**Task item:** From the data below, tally each line that has "under" in it, then give that tally without comment.

(Source data)
....
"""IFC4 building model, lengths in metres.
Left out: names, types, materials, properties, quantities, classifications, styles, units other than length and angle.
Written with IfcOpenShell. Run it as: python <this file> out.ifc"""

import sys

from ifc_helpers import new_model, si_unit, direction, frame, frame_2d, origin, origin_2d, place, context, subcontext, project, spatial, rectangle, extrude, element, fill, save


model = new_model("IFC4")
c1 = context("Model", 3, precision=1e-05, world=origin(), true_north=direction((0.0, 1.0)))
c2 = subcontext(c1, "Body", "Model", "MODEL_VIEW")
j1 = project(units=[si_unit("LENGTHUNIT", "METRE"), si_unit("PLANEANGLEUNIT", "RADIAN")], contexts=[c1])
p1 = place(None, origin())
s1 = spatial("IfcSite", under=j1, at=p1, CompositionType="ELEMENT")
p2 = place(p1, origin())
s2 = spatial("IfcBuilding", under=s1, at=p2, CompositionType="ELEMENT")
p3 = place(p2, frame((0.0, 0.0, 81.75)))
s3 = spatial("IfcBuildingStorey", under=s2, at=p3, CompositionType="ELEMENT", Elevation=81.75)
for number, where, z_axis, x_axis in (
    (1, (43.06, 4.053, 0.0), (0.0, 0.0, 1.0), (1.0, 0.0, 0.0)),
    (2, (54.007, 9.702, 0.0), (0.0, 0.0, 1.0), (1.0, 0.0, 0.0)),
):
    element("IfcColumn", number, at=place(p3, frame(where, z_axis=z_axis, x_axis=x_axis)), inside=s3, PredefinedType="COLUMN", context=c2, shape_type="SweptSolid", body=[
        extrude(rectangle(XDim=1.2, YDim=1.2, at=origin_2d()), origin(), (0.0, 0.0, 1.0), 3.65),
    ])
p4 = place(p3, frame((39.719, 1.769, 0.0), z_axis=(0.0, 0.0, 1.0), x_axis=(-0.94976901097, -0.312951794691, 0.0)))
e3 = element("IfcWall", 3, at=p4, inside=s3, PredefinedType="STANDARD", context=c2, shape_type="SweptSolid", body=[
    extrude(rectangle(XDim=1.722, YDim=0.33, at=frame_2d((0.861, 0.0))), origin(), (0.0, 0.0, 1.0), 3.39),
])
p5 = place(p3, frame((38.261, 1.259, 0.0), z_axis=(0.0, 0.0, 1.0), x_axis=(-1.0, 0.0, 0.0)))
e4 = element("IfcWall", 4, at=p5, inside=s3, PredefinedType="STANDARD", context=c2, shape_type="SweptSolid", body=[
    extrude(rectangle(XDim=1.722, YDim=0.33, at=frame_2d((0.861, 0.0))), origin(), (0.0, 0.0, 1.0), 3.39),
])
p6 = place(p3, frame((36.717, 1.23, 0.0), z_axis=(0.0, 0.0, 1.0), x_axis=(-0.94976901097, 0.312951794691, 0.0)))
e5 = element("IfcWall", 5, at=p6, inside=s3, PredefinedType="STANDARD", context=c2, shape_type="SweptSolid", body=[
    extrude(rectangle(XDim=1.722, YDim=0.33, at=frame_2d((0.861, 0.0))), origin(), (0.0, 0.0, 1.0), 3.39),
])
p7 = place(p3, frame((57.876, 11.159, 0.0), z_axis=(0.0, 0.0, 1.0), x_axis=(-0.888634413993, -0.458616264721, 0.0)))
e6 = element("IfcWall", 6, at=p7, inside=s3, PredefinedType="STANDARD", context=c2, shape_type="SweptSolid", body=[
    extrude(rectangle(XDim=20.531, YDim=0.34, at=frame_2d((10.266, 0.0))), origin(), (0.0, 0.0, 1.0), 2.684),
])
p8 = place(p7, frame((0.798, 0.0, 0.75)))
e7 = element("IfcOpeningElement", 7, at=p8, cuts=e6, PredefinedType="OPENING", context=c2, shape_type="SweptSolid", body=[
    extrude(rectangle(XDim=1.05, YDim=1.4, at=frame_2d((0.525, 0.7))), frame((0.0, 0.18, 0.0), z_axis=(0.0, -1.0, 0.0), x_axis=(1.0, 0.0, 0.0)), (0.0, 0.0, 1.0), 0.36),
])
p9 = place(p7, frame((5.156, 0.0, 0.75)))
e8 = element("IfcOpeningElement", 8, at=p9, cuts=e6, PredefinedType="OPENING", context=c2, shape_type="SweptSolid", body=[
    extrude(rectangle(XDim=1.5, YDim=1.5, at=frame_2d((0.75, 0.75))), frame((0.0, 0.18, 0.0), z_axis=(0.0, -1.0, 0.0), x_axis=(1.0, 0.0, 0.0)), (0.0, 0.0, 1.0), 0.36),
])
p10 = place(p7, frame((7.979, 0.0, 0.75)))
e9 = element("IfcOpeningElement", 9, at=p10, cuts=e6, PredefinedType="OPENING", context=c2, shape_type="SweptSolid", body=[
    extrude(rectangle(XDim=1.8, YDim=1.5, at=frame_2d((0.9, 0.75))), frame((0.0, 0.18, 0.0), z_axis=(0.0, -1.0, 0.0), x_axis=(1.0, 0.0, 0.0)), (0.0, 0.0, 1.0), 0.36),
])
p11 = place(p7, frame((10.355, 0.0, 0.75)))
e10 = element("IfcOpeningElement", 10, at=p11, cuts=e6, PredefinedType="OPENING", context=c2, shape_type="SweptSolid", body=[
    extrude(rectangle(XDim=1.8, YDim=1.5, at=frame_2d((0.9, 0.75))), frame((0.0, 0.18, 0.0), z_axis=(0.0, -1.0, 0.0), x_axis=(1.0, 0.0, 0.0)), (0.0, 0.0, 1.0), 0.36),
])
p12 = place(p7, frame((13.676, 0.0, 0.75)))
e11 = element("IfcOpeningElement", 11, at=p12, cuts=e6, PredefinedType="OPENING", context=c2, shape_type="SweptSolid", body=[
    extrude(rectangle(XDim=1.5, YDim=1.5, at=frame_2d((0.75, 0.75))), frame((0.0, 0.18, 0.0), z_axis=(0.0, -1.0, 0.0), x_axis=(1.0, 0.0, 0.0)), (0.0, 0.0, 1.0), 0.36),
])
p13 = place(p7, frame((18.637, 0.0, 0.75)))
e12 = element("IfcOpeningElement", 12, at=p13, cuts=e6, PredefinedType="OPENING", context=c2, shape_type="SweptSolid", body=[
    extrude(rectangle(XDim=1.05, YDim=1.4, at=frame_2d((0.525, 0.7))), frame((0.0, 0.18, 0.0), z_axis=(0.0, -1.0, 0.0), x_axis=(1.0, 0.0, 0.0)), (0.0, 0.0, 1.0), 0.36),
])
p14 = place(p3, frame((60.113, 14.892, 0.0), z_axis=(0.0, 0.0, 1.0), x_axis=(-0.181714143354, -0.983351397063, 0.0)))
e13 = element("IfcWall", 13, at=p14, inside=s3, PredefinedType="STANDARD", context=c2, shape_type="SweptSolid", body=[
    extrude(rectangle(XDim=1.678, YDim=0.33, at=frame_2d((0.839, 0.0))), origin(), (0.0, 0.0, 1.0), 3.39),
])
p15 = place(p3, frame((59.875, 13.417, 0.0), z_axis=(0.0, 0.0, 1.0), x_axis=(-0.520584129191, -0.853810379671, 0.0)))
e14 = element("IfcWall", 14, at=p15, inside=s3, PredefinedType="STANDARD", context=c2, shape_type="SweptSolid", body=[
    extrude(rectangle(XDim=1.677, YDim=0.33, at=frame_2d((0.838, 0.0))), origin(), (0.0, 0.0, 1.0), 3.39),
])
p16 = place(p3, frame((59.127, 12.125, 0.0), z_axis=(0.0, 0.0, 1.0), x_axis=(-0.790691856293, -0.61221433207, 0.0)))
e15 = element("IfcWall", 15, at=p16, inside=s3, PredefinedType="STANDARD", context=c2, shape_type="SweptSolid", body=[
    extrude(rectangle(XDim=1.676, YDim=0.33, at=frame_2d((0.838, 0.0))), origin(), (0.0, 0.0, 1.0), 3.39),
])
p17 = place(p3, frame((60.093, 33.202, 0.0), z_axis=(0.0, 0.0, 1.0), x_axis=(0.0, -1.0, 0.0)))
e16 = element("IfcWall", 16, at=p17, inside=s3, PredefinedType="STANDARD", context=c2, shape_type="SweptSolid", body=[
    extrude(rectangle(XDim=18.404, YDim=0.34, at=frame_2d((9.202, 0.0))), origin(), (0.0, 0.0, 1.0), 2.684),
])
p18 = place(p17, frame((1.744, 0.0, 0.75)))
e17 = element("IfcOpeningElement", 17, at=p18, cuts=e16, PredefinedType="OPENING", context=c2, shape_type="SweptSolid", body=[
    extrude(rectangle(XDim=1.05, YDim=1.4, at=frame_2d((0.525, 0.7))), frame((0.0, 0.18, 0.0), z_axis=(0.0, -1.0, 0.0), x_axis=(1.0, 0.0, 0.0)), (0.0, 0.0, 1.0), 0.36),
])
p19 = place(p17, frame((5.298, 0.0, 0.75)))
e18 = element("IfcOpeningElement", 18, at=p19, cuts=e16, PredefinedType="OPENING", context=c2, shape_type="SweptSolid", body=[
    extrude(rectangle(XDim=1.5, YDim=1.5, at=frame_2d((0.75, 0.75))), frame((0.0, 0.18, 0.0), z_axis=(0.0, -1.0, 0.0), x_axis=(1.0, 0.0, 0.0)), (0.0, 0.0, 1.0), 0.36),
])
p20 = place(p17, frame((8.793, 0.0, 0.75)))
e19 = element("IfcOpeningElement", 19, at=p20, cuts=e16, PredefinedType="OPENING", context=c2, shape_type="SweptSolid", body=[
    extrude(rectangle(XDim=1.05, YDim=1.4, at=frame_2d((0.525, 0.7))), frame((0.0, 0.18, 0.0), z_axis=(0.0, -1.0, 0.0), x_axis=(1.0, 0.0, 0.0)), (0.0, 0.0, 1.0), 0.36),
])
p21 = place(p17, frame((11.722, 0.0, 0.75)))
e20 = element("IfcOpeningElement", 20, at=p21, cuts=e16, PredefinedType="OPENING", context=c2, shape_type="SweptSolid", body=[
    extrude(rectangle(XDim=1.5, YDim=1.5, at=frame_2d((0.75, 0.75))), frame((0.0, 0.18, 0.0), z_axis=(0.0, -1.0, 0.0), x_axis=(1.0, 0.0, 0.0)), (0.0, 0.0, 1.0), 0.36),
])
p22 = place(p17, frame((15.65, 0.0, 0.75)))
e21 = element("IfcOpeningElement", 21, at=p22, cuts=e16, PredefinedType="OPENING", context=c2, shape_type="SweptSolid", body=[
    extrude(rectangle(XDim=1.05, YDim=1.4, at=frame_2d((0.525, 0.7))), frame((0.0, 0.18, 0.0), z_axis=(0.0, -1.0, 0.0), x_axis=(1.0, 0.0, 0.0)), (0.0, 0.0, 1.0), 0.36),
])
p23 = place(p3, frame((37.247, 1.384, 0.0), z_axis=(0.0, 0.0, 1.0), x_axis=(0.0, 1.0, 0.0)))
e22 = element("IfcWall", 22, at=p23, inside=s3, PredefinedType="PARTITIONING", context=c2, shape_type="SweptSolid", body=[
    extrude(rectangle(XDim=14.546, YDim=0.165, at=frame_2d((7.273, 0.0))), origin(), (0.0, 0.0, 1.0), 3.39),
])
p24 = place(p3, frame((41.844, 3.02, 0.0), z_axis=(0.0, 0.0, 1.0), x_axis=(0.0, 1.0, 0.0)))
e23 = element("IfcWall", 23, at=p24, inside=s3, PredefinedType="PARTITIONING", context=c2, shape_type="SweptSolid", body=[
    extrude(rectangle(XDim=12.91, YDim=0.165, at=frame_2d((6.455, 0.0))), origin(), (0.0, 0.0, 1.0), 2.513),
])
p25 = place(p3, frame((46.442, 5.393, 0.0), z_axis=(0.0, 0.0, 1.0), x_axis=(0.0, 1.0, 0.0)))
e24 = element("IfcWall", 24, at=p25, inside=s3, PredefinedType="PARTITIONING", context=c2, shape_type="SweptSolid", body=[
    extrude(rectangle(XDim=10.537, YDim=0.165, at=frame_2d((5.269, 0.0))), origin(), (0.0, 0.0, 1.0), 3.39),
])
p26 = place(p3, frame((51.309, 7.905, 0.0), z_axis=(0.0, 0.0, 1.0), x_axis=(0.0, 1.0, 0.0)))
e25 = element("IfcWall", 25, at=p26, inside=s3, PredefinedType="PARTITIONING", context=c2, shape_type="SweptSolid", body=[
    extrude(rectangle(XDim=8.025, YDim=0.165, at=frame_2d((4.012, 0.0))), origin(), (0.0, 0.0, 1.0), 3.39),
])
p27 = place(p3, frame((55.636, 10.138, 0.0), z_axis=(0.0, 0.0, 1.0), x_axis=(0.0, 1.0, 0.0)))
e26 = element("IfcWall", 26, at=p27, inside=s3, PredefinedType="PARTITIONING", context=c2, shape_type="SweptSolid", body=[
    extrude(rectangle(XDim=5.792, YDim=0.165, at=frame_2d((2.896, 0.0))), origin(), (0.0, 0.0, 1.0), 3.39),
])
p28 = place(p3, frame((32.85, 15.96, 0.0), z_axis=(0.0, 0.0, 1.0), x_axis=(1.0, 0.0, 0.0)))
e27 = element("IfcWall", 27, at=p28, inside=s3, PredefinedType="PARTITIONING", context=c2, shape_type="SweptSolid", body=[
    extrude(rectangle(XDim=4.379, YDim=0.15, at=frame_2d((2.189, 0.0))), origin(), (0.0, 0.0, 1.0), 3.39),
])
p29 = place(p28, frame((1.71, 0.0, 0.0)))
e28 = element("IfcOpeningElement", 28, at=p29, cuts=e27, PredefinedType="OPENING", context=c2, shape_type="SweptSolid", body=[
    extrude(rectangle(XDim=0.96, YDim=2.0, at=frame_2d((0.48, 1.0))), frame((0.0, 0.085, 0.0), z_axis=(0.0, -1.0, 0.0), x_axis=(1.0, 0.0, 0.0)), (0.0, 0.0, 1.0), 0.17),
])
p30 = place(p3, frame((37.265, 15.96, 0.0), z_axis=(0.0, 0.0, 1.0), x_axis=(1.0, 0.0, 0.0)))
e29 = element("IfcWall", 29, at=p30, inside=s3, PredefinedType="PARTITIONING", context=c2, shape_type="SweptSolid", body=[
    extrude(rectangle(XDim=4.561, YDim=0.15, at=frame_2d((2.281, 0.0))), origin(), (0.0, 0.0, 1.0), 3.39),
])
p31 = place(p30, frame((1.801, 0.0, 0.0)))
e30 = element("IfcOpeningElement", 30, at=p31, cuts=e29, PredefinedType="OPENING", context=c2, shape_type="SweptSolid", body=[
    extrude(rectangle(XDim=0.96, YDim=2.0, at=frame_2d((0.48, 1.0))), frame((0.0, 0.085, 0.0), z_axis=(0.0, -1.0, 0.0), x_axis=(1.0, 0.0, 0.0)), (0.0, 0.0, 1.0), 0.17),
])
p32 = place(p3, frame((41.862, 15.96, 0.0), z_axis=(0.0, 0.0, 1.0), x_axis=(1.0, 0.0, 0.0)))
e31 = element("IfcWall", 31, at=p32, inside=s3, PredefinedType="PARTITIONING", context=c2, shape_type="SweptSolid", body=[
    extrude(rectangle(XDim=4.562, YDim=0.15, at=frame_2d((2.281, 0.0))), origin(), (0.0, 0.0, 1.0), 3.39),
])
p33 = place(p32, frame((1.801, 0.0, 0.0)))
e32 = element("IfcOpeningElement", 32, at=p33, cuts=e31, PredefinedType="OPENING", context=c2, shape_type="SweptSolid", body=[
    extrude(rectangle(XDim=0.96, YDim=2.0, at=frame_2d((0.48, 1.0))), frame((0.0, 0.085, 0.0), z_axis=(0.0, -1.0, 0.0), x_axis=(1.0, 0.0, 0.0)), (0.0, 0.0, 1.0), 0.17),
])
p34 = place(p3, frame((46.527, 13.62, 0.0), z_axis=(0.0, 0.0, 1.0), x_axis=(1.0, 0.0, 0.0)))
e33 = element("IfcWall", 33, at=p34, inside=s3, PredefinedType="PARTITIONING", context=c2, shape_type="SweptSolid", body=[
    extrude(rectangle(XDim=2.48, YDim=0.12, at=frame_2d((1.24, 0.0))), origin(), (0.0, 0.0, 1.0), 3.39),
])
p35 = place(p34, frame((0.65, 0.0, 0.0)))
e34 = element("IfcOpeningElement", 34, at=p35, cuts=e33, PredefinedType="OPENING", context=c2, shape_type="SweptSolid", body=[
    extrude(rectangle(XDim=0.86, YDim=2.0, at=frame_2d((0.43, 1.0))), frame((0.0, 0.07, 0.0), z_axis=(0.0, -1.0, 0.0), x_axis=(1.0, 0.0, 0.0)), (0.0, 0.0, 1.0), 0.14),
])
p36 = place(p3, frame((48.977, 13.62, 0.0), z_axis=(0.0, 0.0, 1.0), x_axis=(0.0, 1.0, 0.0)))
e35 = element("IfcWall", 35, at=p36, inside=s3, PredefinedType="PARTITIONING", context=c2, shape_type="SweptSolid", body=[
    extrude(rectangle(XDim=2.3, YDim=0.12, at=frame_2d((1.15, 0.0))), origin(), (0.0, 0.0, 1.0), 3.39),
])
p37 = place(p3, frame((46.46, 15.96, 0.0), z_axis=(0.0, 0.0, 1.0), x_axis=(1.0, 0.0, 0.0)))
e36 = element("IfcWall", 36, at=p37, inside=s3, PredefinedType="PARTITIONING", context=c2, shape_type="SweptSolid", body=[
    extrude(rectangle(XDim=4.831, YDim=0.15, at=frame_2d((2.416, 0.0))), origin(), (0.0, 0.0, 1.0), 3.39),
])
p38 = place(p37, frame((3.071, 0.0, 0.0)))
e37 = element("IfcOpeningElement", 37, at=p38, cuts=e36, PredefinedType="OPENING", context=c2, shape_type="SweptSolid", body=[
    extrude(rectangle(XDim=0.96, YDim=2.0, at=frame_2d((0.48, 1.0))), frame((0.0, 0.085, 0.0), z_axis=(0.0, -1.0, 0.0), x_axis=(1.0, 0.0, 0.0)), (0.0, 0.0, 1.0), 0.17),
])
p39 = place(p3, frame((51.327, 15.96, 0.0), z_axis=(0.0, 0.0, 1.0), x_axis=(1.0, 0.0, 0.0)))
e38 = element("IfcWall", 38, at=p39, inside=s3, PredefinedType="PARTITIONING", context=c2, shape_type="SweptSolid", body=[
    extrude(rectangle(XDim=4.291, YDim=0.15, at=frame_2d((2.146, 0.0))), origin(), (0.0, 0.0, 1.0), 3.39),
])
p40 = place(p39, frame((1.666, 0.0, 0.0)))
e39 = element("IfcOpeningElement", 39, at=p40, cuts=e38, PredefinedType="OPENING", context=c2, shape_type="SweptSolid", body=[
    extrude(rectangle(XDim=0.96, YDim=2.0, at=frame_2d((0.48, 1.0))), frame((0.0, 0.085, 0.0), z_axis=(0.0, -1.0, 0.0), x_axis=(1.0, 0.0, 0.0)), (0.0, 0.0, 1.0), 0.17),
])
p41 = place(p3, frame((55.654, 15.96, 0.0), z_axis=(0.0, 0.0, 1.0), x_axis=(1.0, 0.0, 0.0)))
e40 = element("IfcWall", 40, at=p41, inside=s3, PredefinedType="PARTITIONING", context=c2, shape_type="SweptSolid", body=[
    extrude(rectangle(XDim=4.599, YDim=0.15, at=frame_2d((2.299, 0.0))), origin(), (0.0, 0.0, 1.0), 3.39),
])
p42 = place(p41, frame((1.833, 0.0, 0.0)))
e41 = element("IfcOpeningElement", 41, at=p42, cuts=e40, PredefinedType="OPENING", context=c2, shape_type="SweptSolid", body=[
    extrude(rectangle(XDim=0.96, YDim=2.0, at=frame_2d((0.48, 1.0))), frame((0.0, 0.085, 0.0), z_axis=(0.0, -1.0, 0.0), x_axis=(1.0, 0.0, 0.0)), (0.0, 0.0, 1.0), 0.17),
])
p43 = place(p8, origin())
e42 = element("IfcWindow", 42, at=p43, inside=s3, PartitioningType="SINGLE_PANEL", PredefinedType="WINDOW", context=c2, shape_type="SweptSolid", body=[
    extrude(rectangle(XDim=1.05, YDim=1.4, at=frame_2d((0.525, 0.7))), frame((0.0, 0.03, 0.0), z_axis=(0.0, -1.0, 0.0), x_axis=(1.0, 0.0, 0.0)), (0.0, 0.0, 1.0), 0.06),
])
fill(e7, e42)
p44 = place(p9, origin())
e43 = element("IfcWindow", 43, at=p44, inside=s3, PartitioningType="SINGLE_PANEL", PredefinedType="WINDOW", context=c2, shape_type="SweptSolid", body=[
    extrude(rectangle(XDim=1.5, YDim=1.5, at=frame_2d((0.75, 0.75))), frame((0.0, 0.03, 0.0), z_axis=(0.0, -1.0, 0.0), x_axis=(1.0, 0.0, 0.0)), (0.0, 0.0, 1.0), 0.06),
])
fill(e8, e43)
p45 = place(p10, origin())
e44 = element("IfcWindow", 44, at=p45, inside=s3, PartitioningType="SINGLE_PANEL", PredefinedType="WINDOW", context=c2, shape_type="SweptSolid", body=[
....
**Task answer:** 3